WORK INSTRUCTIONS: List every line in this data where the string "CIRCLE" occurs.

EXERCISE INPUT:
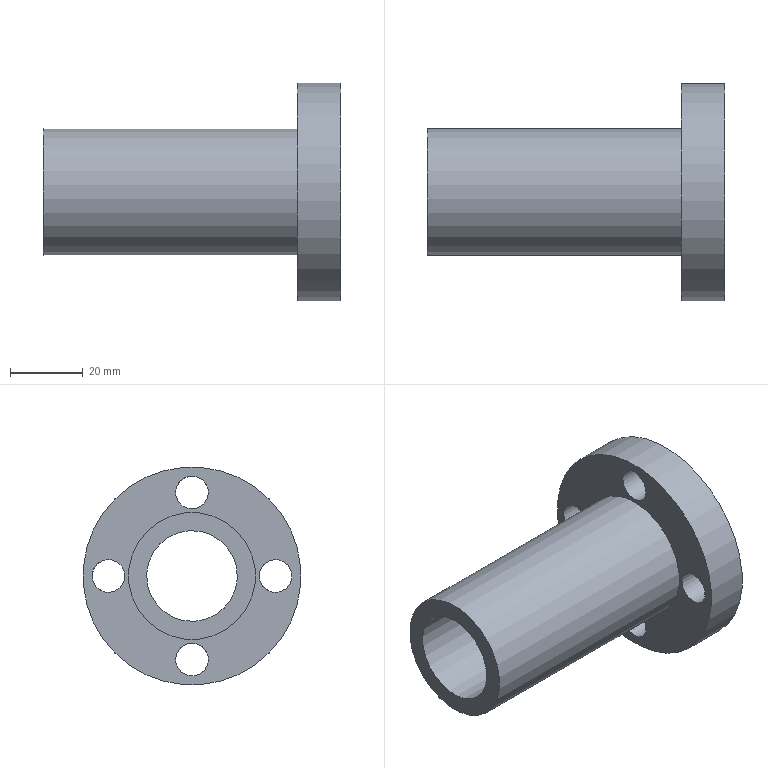Component | NX | LEADSCREW_NUT | 1 solid | 10 faces | box 82 x 60 x 60 mm | volume 57972 mm3 | cylinder 7 | plane 3 | commonest cylinder face diameters 9 x4 25 x1 60 x1 35 x1
STEP:
#1=CARTESIAN_POINT('',(0.,0.,0.));
#2=DIRECTION('',(0.,0.,1.));
#3=DIRECTION('',(1.,0.,0.));
#4=AXIS2_PLACEMENT_3D('',#1,#2,#3);
#5=CARTESIAN_POINT('',(639.189,-141.463,-1564.161));
#6=VERTEX_POINT('',#5);
#7=CARTESIAN_POINT('',(639.189,-150.302,-1573.));
#8=DIRECTION('',(-1.,0.,0.));
#9=DIRECTION('',(0.,0.7071,0.7071));
#10=AXIS2_PLACEMENT_3D('',#7,#8,#9);
#11=CIRCLE('',#10,12.5);
#12=CARTESIAN_POINT('',(639.189,-137.927,-1560.626));
#13=DIRECTION('',(1.,0.,0.));
#14=DIRECTION('',(0.,-0.7071,-0.7071));
#15=AXIS2_PLACEMENT_3D('',#12,#13,#14);
#16=PLANE('',#15);
#17=CARTESIAN_POINT('',(5.,-0.));
#18=CARTESIAN_POINT('',(5.,21.651));
#19=CARTESIAN_POINT('',(23.75,10.825));
#20=CARTESIAN_POINT('',(42.5,-0.));
#21=CARTESIAN_POINT('',(23.75,-10.825));
#22=CARTESIAN_POINT('',(5.,-21.651));
#23=CARTESIAN_POINT('',(5.,-0.));
#24=(BOUNDED_CURVE()B_SPLINE_CURVE(2,(#17,#18,#19,#20,#21,#22,#23),.UNSPECIFIED.,.T.,.F.)B_SPLINE_CURVE_WITH_KNOTS((1,2,2,2,2,1),(-2.094,0.,2.094,4.189,6.283,8.378),.UNSPECIFIED.)CURVE()GEOMETRIC_REPRESENTATION_ITEM()RATIONAL_B_SPLINE_CURVE((1.,0.5,1.,0.5,1.,0.5,1.))REPRESENTATION_ITEM(''));
#25=(GEOMETRIC_REPRESENTATION_CONTEXT(2)PARAMETRIC_REPRESENTATION_CONTEXT()REPRESENTATION_CONTEXT('',''));
#26=DEFINITIONAL_REPRESENTATION('',(#24),#25);
#27=PCURVE('',#16,#26);
#28=CARTESIAN_POINT('',(639.189,-150.302,-1573.));
#29=DIRECTION('',(-1.,0.,0.));
#30=DIRECTION('',(0.,0.7071,0.7071));
#31=AXIS2_PLACEMENT_3D('',#28,#29,#30);
#32=CYLINDRICAL_SURFACE('',#31,12.5);
#33=CARTESIAN_POINT('',(0.,0.));
#34=DIRECTION('',(1.,0.));
#35=VECTOR('',#34,1.);
#36=LINE('',#33,#35);
#37=(GEOMETRIC_REPRESENTATION_CONTEXT(2)PARAMETRIC_REPRESENTATION_CONTEXT()REPRESENTATION_CONTEXT('',''));
#38=DEFINITIONAL_REPRESENTATION('',(#36),#37);
#39=PCURVE('',#32,#38);
#40=SURFACE_CURVE('',#11,(#27,#39),.PCURVE_S1.);
#41=EDGE_CURVE('',#6,#6,#40,.T.);
#42=ORIENTED_EDGE('',*,*,#41,.F.);
#43=EDGE_LOOP('',(#42));
#44=FACE_BOUND('',#43,.T.);
#45=CARTESIAN_POINT('',(639.189,-137.927,-1560.626));
#46=VERTEX_POINT('',#45);
#47=CARTESIAN_POINT('',(639.189,-150.302,-1573.));
#48=DIRECTION('',(-1.,0.,0.));
#49=DIRECTION('',(0.,0.7071,0.7071));
#50=AXIS2_PLACEMENT_3D('',#47,#48,#49);
#51=CIRCLE('',#50,17.5);
#52=CARTESIAN_POINT('',(-0.,-0.));
#53=CARTESIAN_POINT('',(-0.,30.311));
#54=CARTESIAN_POINT('',(26.25,15.155));
#55=CARTESIAN_POINT('',(52.5,-0.));
#56=CARTESIAN_POINT('',(26.25,-15.155));
#57=CARTESIAN_POINT('',(-0.,-30.311));
#58=CARTESIAN_POINT('',(-0.,-0.));
#59=(BOUNDED_CURVE()B_SPLINE_CURVE(2,(#52,#53,#54,#55,#56,#57,#58),.UNSPECIFIED.,.T.,.F.)B_SPLINE_CURVE_WITH_KNOTS((1,2,2,2,2,1),(-2.094,0.,2.094,4.189,6.283,8.378),.UNSPECIFIED.)CURVE()GEOMETRIC_REPRESENTATION_ITEM()RATIONAL_B_SPLINE_CURVE((1.,0.5,1.,0.5,1.,0.5,1.))REPRESENTATION_ITEM(''));
#60=(GEOMETRIC_REPRESENTATION_CONTEXT(2)PARAMETRIC_REPRESENTATION_CONTEXT()REPRESENTATION_CONTEXT('',''));
#61=DEFINITIONAL_REPRESENTATION('',(#59),#60);
#62=PCURVE('',#16,#61);
#63=CARTESIAN_POINT('',(639.189,-150.302,-1573.));
#64=DIRECTION('',(-1.,0.,0.));
#65=DIRECTION('',(0.,0.7071,0.7071));
#66=AXIS2_PLACEMENT_3D('',#63,#64,#65);
#67=CYLINDRICAL_SURFACE('',#66,17.5);
#68=CARTESIAN_POINT('',(0.,0.));
#69=DIRECTION('',(1.,0.));
#70=VECTOR('',#69,1.);
#71=LINE('',#68,#70);
#72=(GEOMETRIC_REPRESENTATION_CONTEXT(2)PARAMETRIC_REPRESENTATION_CONTEXT()REPRESENTATION_CONTEXT('',''));
#73=DEFINITIONAL_REPRESENTATION('',(#71),#72);
#74=PCURVE('',#67,#73);
#75=SURFACE_CURVE('',#51,(#62,#74),.PCURVE_S1.);
#76=EDGE_CURVE('',#46,#46,#75,.T.);
#77=ORIENTED_EDGE('',*,*,#76,.T.);
#78=EDGE_LOOP('',(#77));
#79=FACE_BOUND('',#78,.T.);
#80=ADVANCED_FACE('',(#44,#79),#16,.F.);
#81=CARTESIAN_POINT('',(721.189,-141.463,-1564.161));
#82=VERTEX_POINT('',#81);
#83=CARTESIAN_POINT('',(721.189,-150.302,-1573.));
#84=DIRECTION('',(-1.,0.,0.));
#85=DIRECTION('',(0.,0.7071,0.7071));
#86=AXIS2_PLACEMENT_3D('',#83,#84,#85);
#87=CIRCLE('',#86,12.5);
#88=CARTESIAN_POINT('',(0.,-82.));
#89=DIRECTION('',(1.,0.));
#90=VECTOR('',#89,1.);
#91=LINE('',#88,#90);
#92=(GEOMETRIC_REPRESENTATION_CONTEXT(2)PARAMETRIC_REPRESENTATION_CONTEXT()REPRESENTATION_CONTEXT('',''));
#93=DEFINITIONAL_REPRESENTATION('',(#91),#92);
#94=PCURVE('',#32,#93);
#95=CARTESIAN_POINT('',(721.189,-141.463,-1564.161));
#96=DIRECTION('',(-1.,0.,0.));
#97=DIRECTION('',(0.,0.7071,0.7071));
#98=AXIS2_PLACEMENT_3D('',#95,#96,#97);
#99=PLANE('',#98);
#100=CARTESIAN_POINT('',(-12.5,-0.));
#101=DIRECTION('',(1.,0.));
#102=AXIS2_PLACEMENT_2D('',#100,#101);
#103=CIRCLE('',#102,12.5);
#104=(GEOMETRIC_REPRESENTATION_CONTEXT(2)PARAMETRIC_REPRESENTATION_CONTEXT()REPRESENTATION_CONTEXT('',''));
#105=DEFINITIONAL_REPRESENTATION('',(#103),#104);
#106=PCURVE('',#99,#105);
#107=SURFACE_CURVE('',#87,(#94,#106),.PCURVE_S1.);
#108=EDGE_CURVE('',#82,#82,#107,.T.);
#109=ORIENTED_EDGE('',*,*,#108,.T.);
#110=CARTESIAN_POINT('',(721.189,-141.463,-1564.161));
#111=CARTESIAN_POINT('',(639.189,-141.463,-1564.161));
#112=B_SPLINE_CURVE_WITH_KNOTS('',1,(#110,#111),.UNSPECIFIED.,.F.,.F.,(2,2),(-82.,0.),.PIECEWISE_BEZIER_KNOTS.);
#113=CARTESIAN_POINT('',(6.283,0.));
#114=DIRECTION('',(0.,1.));
#115=VECTOR('',#114,1.);
#116=LINE('',#113,#115);
#117=(GEOMETRIC_REPRESENTATION_CONTEXT(2)PARAMETRIC_REPRESENTATION_CONTEXT()REPRESENTATION_CONTEXT('',''));
#118=DEFINITIONAL_REPRESENTATION('',(#116),#117);
#119=PCURVE('',#32,#118);
#120=CARTESIAN_POINT('',(0.,0.));
#121=DIRECTION('',(0.,1.));
#122=VECTOR('',#121,1.);
#123=LINE('',#120,#122);
#124=(GEOMETRIC_REPRESENTATION_CONTEXT(2)PARAMETRIC_REPRESENTATION_CONTEXT()REPRESENTATION_CONTEXT('',''));
#125=DEFINITIONAL_REPRESENTATION('',(#123),#124);
#126=PCURVE('',#32,#125);
#127=SEAM_CURVE('',#112,(#119,#126),.PCURVE_S1.);
#128=EDGE_CURVE('',#82,#6,#127,.T.);
#129=ORIENTED_EDGE('',*,*,#128,.T.);
#130=ORIENTED_EDGE('',*,*,#41,.F.);
#131=ORIENTED_EDGE('',*,*,#128,.F.);
#132=EDGE_LOOP('',(#109,#129,#130,#131));
#133=FACE_BOUND('',#132,.F.);
#134=ADVANCED_FACE('',(#133),#32,.F.);
#135=CARTESIAN_POINT('',(721.189,-168.802,-1573.));
#136=VERTEX_POINT('',#135);
#137=CARTESIAN_POINT('',(721.189,-176.484,-1576.182));
#138=VERTEX_POINT('',#137);
#139=CARTESIAN_POINT('',(721.189,-173.302,-1573.));
#140=DIRECTION('',(1.,0.,0.));
#141=DIRECTION('',(0.,1.,0.));
#142=AXIS2_PLACEMENT_3D('',#139,#140,#141);
#143=CIRCLE('',#142,4.5);
#144=CARTESIAN_POINT('',(-25.581,-13.081));
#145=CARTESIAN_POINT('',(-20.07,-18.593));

SOLUTION TO THE PROBLEM:
#11=CIRCLE('',#10,12.5);
#51=CIRCLE('',#50,17.5);
#87=CIRCLE('',#86,12.5);
#103=CIRCLE('',#102,12.5);
#143=CIRCLE('',#142,4.5);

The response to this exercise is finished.